**ASSIGNMENT:** The result should be every line of the listing that contains "under".

**DATASET RECORDS:**

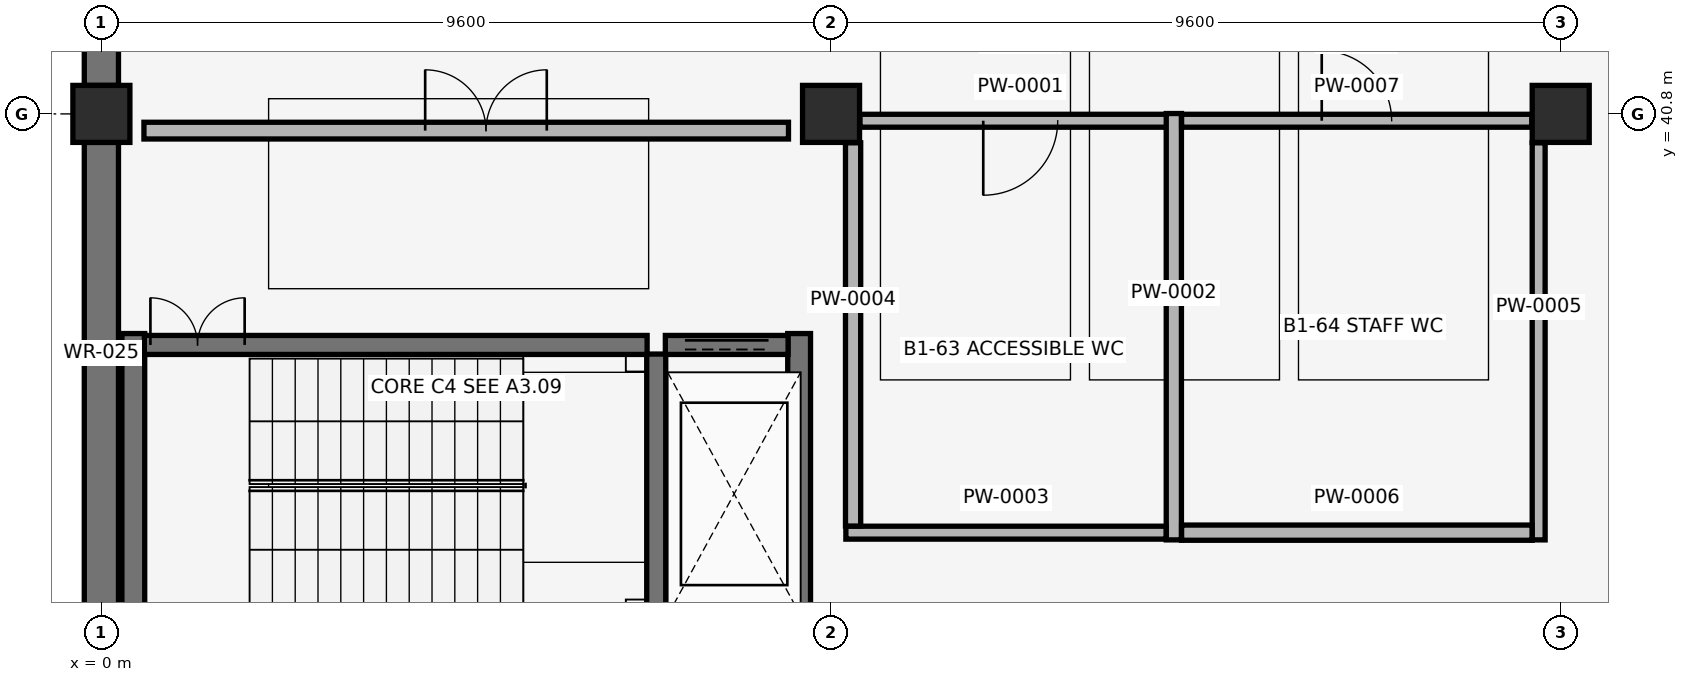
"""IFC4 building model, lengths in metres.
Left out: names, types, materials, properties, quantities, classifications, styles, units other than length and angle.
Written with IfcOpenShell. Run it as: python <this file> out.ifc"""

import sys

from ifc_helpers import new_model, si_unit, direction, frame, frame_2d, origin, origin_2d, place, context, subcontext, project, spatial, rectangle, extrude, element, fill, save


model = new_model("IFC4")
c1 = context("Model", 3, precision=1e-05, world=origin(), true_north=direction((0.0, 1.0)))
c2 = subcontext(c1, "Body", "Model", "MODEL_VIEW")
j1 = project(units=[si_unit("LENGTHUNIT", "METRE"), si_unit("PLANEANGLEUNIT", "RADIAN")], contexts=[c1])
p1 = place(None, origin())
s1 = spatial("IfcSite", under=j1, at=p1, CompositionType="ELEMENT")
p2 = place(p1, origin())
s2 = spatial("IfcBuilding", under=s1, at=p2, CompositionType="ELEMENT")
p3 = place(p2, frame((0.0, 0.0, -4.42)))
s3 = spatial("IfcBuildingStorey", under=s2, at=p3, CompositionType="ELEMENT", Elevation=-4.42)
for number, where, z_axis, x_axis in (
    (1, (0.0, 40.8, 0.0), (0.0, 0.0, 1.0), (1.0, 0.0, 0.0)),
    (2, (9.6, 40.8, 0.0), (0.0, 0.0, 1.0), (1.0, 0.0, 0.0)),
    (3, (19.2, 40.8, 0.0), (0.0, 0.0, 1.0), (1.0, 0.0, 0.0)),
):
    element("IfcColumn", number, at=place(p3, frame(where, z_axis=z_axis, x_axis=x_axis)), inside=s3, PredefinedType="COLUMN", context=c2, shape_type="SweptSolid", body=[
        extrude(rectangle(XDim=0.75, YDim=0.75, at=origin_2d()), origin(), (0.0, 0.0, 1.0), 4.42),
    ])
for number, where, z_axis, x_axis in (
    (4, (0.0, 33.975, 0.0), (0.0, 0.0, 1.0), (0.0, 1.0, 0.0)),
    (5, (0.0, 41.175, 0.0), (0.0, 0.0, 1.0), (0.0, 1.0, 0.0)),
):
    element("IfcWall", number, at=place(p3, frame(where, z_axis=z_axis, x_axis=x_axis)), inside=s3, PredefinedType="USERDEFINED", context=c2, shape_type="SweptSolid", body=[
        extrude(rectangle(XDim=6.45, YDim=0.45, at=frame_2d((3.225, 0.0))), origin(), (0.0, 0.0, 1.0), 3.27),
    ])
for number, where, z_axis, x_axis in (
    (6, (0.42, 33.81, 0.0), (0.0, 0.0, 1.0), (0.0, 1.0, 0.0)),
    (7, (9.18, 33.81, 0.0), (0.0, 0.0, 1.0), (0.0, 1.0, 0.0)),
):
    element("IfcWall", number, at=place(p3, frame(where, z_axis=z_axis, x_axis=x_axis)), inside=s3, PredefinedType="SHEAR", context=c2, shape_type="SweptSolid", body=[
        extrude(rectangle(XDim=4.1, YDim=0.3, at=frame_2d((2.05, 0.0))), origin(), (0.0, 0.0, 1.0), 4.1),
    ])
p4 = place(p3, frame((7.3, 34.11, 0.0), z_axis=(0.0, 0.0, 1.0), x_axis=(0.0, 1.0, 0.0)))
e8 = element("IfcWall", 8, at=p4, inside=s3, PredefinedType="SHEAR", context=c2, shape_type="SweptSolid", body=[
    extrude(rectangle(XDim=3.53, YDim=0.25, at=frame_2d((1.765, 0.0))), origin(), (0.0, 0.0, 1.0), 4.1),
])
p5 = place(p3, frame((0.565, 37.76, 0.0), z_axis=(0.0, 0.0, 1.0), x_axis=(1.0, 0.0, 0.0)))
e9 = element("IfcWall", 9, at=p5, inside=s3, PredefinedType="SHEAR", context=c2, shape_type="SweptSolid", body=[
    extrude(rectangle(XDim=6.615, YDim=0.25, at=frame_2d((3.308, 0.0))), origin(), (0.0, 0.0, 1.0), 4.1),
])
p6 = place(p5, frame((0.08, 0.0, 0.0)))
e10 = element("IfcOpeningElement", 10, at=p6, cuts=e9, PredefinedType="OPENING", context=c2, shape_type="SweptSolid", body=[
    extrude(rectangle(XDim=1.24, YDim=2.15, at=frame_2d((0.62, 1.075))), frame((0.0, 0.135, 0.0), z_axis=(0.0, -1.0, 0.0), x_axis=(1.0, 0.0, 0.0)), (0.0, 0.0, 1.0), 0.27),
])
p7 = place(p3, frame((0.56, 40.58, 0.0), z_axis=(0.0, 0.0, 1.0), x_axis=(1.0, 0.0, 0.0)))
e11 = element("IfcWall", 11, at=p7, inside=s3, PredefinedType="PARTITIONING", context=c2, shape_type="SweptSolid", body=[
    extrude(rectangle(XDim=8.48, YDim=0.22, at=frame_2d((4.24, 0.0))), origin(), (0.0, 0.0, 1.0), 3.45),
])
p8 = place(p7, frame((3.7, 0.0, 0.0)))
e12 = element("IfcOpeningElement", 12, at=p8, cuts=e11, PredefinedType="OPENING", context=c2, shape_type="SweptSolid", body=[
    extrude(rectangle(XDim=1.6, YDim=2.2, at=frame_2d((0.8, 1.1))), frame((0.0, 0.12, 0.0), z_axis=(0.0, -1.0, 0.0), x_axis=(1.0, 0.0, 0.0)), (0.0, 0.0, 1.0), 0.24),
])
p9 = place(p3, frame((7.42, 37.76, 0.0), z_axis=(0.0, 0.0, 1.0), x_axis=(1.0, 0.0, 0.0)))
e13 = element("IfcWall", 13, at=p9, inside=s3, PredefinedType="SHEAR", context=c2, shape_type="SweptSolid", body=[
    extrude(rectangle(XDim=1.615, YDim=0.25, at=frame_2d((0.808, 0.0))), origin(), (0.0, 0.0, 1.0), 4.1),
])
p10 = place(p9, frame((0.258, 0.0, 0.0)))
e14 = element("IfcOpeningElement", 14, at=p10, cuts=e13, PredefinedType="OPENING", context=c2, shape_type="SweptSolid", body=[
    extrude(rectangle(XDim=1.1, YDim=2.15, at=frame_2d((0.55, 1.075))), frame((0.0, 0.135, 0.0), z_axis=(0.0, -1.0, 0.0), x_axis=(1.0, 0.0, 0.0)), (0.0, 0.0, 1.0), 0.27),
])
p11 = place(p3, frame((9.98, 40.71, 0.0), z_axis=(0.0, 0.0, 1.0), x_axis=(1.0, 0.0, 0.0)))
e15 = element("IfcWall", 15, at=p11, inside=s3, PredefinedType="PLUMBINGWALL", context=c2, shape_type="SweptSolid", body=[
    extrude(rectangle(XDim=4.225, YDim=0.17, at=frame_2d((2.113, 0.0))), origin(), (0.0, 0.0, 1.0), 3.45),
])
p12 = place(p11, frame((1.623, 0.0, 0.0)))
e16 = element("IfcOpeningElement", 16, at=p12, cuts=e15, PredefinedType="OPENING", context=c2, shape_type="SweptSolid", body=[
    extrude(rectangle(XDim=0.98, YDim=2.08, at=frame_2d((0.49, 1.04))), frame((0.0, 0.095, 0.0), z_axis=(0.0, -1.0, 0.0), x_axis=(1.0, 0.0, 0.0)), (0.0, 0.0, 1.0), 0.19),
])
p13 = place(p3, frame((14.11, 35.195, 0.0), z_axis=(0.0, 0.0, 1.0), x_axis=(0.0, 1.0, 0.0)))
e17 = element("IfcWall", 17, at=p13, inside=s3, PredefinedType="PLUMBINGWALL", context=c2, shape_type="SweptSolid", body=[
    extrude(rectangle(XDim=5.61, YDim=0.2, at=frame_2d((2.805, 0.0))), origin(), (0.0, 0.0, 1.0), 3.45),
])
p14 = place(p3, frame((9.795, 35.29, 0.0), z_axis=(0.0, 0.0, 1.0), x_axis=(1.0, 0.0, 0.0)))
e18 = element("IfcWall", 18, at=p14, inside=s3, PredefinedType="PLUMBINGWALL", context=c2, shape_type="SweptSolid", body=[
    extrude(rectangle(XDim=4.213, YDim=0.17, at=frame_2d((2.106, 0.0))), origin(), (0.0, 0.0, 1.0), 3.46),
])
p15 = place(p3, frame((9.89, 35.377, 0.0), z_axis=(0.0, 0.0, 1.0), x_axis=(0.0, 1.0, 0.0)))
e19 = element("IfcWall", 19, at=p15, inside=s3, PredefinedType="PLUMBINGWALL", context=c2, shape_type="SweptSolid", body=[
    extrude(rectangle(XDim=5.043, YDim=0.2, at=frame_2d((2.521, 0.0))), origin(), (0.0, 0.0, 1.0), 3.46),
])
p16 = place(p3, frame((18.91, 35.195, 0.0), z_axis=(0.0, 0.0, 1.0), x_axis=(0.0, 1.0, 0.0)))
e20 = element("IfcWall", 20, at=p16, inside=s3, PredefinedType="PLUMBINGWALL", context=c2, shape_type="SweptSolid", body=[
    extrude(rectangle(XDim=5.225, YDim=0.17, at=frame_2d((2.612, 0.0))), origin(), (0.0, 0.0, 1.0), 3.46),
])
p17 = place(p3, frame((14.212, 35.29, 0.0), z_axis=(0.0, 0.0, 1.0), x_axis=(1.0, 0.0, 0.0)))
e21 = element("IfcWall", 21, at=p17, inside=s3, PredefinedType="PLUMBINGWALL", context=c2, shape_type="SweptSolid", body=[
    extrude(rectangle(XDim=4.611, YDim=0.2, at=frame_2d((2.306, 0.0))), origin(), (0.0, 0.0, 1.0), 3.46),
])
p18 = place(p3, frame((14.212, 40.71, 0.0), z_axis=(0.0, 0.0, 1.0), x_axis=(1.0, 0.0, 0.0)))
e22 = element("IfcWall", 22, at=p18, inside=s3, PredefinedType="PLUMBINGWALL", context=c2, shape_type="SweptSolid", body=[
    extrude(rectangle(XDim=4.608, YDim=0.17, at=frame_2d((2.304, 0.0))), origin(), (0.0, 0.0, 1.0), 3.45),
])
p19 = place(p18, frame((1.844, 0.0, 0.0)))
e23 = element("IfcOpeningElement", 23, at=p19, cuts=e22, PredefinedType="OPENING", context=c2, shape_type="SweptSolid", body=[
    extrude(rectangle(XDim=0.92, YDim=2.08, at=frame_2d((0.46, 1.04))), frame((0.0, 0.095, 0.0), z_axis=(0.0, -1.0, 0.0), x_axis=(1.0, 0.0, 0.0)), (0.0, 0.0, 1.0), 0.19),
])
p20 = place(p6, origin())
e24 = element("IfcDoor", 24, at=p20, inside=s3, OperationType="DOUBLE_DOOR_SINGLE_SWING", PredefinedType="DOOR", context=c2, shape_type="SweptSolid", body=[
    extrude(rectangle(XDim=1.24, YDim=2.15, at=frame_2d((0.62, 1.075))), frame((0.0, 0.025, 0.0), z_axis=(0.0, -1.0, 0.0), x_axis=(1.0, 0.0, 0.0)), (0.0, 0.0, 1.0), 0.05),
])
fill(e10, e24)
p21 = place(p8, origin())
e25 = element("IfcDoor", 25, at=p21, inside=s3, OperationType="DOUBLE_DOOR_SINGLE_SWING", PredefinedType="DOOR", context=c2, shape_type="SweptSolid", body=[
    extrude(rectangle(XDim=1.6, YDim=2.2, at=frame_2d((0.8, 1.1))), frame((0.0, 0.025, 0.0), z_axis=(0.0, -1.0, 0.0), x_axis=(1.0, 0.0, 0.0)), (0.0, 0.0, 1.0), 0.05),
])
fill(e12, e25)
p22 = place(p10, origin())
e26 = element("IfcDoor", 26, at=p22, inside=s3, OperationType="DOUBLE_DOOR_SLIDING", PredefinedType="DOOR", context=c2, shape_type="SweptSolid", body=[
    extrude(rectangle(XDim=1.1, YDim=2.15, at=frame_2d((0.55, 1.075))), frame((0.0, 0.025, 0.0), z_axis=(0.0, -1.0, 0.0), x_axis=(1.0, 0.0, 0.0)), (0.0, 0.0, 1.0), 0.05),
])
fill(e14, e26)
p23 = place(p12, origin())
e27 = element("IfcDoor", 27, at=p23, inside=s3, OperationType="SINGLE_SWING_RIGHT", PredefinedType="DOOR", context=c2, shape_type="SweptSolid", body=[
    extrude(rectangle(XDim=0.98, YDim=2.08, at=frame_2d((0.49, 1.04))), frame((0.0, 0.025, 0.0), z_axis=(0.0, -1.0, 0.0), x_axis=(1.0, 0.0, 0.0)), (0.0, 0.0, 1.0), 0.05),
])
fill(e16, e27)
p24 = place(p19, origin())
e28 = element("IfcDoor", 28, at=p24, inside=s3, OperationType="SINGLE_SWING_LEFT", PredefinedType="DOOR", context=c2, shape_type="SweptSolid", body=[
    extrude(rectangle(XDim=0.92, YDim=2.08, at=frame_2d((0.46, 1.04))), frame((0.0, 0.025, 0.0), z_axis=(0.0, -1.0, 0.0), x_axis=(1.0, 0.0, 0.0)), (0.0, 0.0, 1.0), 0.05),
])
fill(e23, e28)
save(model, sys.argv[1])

**OUTPUT FOR THIS TASK:**
s1 = spatial("IfcSite", under=j1, at=p1, CompositionType="ELEMENT")
s2 = spatial("IfcBuilding", under=s1, at=p2, CompositionType="ELEMENT")
s3 = spatial("IfcBuildingStorey", under=s2, at=p3, CompositionType="ELEMENT", Elevation=-4.42)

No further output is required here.